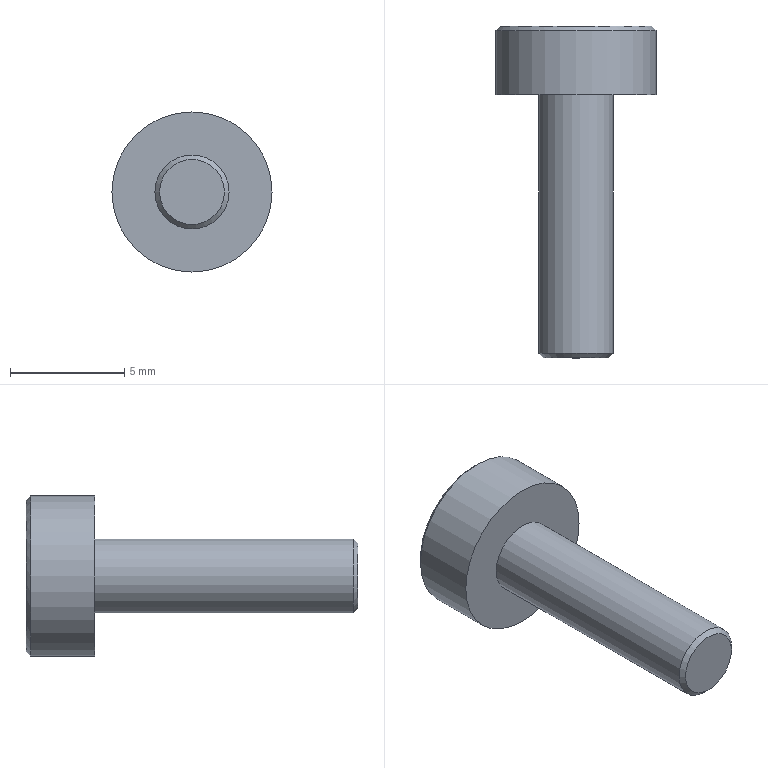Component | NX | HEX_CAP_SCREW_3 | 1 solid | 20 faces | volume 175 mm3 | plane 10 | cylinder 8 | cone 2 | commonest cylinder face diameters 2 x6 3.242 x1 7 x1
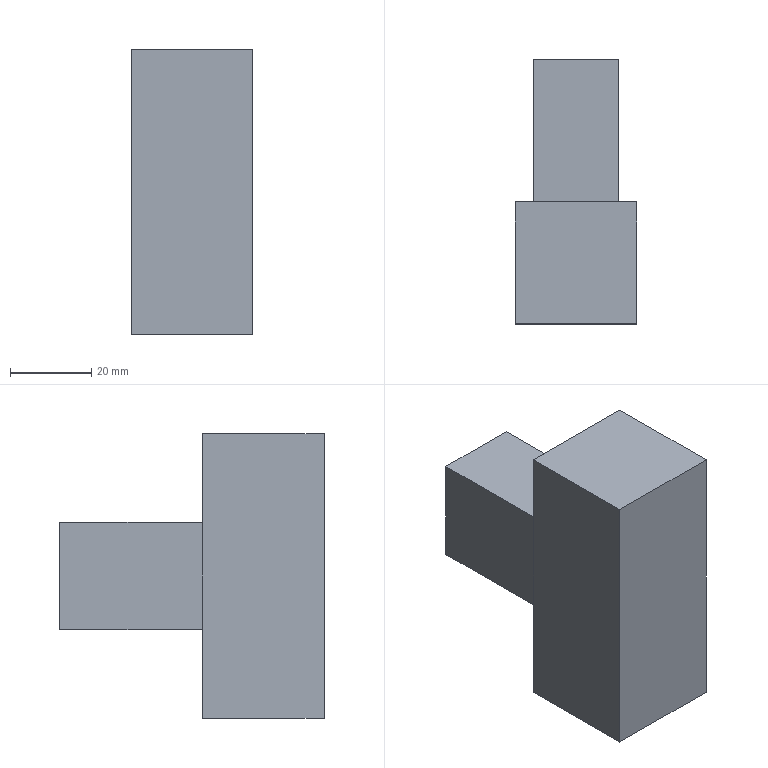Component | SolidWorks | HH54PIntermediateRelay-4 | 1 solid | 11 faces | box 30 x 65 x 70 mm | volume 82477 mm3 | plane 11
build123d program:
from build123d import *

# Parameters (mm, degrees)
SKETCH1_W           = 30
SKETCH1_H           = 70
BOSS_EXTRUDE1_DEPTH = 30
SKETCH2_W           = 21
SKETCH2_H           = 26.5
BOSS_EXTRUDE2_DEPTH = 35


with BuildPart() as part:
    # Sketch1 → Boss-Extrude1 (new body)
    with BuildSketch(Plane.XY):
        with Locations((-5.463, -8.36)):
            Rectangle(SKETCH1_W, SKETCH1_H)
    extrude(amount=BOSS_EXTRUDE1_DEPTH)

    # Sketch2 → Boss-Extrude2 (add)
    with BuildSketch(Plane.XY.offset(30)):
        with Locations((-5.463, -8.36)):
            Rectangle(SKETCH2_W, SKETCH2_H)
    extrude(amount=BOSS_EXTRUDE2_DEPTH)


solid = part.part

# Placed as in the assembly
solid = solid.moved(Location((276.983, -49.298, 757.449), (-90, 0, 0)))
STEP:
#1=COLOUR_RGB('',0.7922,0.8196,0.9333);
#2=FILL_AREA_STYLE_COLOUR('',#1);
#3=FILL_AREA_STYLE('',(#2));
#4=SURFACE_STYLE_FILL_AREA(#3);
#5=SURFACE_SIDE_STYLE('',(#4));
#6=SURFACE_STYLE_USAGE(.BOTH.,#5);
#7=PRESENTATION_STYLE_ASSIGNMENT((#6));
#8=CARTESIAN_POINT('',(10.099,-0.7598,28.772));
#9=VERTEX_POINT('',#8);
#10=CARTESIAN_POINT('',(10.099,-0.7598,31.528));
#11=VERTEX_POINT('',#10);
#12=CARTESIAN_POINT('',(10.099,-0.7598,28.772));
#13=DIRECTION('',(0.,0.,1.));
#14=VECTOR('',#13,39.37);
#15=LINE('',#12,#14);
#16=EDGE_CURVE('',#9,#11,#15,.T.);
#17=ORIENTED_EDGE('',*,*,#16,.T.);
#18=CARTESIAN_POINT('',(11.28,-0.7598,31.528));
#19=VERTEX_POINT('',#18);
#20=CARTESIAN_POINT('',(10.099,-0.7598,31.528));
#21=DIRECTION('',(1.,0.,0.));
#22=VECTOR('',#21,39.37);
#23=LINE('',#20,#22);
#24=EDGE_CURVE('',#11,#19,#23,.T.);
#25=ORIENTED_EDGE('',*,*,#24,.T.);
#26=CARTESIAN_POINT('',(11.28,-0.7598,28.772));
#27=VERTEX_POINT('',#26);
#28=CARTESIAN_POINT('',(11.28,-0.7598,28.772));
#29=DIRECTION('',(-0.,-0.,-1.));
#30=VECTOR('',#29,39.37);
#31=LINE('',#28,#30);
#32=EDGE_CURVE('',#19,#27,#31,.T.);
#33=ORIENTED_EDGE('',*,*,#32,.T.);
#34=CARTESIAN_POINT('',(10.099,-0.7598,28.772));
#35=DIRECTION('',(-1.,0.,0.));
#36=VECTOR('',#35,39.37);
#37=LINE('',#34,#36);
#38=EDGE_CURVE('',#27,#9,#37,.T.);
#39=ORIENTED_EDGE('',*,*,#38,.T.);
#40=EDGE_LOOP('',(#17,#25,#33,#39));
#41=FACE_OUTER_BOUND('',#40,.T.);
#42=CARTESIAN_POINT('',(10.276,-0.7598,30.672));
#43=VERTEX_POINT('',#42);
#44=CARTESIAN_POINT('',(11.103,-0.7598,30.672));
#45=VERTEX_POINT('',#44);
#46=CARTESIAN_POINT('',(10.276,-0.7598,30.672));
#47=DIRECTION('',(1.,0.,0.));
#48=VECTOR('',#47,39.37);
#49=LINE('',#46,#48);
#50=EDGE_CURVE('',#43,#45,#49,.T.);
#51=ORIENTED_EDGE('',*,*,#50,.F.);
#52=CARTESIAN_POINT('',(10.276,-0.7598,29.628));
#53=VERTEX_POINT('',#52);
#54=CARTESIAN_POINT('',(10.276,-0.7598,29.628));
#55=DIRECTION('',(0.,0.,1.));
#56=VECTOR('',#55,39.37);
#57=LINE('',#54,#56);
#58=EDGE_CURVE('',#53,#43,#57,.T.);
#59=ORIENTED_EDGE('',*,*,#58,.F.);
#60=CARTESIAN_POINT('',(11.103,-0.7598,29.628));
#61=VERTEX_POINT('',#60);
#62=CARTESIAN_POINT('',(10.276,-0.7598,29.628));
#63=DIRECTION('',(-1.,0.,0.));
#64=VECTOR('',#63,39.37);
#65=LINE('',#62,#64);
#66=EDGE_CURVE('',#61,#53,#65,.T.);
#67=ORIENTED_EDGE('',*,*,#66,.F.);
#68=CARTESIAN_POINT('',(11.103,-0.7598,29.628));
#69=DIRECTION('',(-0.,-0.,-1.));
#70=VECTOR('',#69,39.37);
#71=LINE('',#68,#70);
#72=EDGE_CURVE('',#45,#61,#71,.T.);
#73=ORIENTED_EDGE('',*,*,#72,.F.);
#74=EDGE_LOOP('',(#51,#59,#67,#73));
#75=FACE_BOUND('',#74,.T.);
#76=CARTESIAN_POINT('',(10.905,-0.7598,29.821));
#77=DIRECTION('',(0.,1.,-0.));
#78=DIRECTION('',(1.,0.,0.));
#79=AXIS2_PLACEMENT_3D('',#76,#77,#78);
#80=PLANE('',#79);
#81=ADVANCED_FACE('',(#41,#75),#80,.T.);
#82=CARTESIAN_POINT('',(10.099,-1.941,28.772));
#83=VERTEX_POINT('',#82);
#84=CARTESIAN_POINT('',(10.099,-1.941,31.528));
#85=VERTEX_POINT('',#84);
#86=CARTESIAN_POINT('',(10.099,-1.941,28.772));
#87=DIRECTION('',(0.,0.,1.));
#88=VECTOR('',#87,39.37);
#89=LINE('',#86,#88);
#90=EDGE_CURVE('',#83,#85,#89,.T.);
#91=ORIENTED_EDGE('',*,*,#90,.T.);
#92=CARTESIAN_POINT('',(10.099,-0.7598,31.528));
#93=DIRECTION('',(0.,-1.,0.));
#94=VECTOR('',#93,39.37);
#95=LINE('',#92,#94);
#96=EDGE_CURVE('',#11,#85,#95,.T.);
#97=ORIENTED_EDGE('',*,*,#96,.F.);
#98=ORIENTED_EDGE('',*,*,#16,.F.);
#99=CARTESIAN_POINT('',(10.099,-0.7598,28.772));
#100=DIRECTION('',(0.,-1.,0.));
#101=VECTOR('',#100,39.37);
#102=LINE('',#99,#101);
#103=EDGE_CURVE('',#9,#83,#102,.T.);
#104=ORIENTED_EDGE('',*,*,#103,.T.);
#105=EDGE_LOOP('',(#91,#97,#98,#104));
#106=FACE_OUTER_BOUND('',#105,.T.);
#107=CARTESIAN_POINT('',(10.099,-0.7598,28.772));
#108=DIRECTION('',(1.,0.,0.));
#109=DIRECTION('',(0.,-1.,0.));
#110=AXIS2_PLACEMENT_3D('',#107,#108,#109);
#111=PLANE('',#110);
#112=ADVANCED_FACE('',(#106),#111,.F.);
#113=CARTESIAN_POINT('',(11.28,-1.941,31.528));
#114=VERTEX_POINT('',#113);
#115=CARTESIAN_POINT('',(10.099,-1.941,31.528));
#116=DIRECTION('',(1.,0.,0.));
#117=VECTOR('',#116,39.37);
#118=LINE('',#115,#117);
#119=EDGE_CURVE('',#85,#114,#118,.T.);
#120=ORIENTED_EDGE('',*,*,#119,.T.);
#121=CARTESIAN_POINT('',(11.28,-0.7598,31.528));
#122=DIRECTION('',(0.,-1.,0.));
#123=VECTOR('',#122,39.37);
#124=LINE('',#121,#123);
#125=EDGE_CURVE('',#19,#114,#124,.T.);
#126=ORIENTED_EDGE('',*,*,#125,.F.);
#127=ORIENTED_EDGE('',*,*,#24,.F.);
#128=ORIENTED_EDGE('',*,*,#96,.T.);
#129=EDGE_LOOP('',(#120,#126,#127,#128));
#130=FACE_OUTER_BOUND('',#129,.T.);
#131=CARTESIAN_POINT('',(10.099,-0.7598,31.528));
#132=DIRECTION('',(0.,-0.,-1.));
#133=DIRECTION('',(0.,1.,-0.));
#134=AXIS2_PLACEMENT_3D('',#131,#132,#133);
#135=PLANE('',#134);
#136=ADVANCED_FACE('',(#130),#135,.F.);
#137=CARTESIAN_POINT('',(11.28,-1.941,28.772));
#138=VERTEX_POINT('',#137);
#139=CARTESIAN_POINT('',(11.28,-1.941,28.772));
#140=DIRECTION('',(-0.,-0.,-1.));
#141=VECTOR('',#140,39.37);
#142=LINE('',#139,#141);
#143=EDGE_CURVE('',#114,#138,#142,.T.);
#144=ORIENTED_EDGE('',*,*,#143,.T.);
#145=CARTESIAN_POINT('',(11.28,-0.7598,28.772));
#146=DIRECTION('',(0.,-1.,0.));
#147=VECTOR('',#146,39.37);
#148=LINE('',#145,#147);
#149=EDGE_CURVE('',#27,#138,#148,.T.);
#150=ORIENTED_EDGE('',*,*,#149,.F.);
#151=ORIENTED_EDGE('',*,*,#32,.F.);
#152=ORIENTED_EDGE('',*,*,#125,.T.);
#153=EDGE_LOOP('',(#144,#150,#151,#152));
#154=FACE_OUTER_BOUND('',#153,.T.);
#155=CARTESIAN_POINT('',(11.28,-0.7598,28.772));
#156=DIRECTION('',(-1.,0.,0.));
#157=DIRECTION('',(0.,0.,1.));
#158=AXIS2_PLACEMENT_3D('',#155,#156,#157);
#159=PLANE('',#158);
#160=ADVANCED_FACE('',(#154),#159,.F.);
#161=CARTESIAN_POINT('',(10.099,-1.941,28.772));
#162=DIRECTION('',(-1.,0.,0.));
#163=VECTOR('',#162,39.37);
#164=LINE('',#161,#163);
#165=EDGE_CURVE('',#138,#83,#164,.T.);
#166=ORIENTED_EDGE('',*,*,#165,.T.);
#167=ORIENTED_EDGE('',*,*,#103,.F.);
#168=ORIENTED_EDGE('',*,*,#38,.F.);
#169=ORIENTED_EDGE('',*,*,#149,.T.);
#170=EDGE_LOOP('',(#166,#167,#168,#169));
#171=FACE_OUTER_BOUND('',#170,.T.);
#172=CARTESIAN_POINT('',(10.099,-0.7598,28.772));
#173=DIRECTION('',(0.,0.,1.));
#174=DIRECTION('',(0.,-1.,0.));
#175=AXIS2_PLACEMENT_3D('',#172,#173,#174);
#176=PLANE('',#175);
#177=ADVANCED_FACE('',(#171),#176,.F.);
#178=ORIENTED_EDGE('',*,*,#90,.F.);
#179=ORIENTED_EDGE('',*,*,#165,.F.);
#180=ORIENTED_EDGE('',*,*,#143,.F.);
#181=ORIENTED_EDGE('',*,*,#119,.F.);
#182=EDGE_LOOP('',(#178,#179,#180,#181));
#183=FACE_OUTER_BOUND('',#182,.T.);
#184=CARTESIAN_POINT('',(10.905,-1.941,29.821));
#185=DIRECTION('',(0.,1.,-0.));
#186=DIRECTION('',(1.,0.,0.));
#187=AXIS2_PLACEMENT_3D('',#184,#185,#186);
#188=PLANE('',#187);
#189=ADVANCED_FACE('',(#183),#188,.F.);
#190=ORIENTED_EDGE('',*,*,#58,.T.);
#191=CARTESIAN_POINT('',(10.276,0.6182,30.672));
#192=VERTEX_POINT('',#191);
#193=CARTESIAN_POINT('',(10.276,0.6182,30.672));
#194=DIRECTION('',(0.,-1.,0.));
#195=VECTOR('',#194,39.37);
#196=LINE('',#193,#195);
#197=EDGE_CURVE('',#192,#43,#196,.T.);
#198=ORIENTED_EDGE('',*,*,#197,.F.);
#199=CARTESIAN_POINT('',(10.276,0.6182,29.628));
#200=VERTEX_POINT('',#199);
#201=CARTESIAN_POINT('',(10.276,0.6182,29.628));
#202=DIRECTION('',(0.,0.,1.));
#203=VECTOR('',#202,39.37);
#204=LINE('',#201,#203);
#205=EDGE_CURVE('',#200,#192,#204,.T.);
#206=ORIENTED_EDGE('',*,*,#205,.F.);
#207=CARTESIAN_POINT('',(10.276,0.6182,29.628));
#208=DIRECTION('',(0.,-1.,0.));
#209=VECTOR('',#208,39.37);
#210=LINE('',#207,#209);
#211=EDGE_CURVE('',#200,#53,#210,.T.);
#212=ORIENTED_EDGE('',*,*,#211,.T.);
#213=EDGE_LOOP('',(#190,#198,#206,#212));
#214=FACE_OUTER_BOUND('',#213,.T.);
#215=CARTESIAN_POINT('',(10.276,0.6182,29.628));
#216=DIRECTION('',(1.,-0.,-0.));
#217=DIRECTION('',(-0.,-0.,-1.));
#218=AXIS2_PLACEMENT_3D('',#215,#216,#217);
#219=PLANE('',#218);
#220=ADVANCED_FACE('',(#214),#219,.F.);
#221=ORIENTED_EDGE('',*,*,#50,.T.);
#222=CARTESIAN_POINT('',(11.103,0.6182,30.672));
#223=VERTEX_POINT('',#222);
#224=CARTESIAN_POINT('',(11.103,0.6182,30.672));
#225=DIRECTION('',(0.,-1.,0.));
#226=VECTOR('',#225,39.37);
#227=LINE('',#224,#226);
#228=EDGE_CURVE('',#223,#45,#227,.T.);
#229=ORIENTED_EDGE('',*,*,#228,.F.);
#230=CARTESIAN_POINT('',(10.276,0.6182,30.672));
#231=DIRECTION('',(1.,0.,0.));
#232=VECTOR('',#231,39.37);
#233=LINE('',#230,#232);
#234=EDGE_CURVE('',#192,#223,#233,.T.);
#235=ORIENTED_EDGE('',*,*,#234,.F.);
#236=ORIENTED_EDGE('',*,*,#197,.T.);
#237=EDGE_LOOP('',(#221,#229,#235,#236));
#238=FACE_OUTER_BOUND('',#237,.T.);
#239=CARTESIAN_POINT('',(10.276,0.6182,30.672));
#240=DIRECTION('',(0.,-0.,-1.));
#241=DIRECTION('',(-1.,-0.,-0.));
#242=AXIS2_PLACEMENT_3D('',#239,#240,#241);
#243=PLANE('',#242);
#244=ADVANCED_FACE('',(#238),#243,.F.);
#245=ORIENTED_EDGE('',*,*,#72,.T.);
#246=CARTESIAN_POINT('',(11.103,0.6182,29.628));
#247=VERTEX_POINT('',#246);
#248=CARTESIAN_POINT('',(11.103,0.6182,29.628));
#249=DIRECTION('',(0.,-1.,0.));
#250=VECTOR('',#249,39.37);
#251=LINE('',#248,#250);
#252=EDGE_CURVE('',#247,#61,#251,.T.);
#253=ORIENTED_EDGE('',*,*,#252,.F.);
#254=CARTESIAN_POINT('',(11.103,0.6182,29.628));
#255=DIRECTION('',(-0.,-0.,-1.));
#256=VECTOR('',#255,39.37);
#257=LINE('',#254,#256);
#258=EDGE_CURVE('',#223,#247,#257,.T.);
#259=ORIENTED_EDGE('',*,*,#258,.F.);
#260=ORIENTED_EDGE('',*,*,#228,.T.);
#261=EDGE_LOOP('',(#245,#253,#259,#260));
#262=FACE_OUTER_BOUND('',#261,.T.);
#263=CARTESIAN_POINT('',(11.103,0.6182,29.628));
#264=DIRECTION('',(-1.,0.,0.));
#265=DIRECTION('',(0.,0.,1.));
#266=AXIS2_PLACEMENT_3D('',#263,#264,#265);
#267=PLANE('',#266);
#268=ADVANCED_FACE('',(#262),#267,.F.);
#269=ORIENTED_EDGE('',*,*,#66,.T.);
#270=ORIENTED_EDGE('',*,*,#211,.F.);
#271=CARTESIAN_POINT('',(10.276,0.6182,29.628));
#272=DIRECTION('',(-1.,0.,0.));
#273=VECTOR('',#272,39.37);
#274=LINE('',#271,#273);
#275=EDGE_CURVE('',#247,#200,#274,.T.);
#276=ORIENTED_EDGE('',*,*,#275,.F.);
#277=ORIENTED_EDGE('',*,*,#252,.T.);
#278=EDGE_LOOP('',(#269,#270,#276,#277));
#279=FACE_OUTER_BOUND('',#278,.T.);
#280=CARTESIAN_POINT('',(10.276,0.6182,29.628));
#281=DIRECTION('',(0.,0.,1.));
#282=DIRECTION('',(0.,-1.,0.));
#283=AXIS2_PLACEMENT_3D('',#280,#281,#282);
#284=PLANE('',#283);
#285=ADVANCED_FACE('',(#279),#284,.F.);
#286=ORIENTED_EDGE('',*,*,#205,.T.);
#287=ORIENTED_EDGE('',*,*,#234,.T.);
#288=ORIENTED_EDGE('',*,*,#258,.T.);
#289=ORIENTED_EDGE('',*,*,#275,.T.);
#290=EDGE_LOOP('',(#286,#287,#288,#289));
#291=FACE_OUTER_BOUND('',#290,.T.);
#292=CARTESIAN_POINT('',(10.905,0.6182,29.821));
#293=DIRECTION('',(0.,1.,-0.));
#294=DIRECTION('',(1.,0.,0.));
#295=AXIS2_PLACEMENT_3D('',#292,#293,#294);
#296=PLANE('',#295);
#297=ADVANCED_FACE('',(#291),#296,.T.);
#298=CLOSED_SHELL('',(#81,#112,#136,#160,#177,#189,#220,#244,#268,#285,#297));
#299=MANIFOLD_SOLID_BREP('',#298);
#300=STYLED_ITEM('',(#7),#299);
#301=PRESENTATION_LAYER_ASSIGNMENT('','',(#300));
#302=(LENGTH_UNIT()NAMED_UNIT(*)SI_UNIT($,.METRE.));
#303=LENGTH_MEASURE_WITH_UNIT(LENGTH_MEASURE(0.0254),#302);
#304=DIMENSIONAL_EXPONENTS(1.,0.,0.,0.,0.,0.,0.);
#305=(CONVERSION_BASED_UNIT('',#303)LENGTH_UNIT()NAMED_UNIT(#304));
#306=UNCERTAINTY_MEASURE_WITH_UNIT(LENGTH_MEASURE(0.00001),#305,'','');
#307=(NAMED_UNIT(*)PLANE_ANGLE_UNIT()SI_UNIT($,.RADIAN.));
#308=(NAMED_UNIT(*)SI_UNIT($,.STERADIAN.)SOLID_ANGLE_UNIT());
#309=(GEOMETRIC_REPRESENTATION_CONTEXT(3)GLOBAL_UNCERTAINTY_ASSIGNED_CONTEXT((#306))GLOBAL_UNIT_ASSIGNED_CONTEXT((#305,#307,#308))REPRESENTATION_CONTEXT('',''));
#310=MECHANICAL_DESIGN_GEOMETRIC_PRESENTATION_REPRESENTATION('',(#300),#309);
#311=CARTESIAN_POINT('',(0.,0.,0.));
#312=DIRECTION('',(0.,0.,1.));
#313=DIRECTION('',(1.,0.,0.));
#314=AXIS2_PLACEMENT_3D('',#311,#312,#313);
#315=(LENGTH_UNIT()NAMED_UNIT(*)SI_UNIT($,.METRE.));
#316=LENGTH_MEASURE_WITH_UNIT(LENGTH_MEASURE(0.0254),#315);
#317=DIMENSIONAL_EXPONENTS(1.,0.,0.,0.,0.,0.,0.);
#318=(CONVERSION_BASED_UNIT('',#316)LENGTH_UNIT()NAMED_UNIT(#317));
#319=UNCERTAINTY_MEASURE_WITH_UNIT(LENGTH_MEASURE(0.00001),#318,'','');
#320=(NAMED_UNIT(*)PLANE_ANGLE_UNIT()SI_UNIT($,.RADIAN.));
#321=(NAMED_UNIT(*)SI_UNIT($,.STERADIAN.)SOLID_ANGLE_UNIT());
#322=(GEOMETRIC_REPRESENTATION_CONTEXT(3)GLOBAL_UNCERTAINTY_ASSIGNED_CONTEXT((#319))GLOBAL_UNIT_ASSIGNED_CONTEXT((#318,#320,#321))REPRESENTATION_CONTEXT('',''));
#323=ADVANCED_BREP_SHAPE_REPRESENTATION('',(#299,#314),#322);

# WHAT YOU WILL DO
If a line in the entries includes the word "BuildSketch", copy that line out.

# SOLVED PROBLEM
    with BuildSketch(Plane.XY):
    with BuildSketch(Plane.XY.offset(30)):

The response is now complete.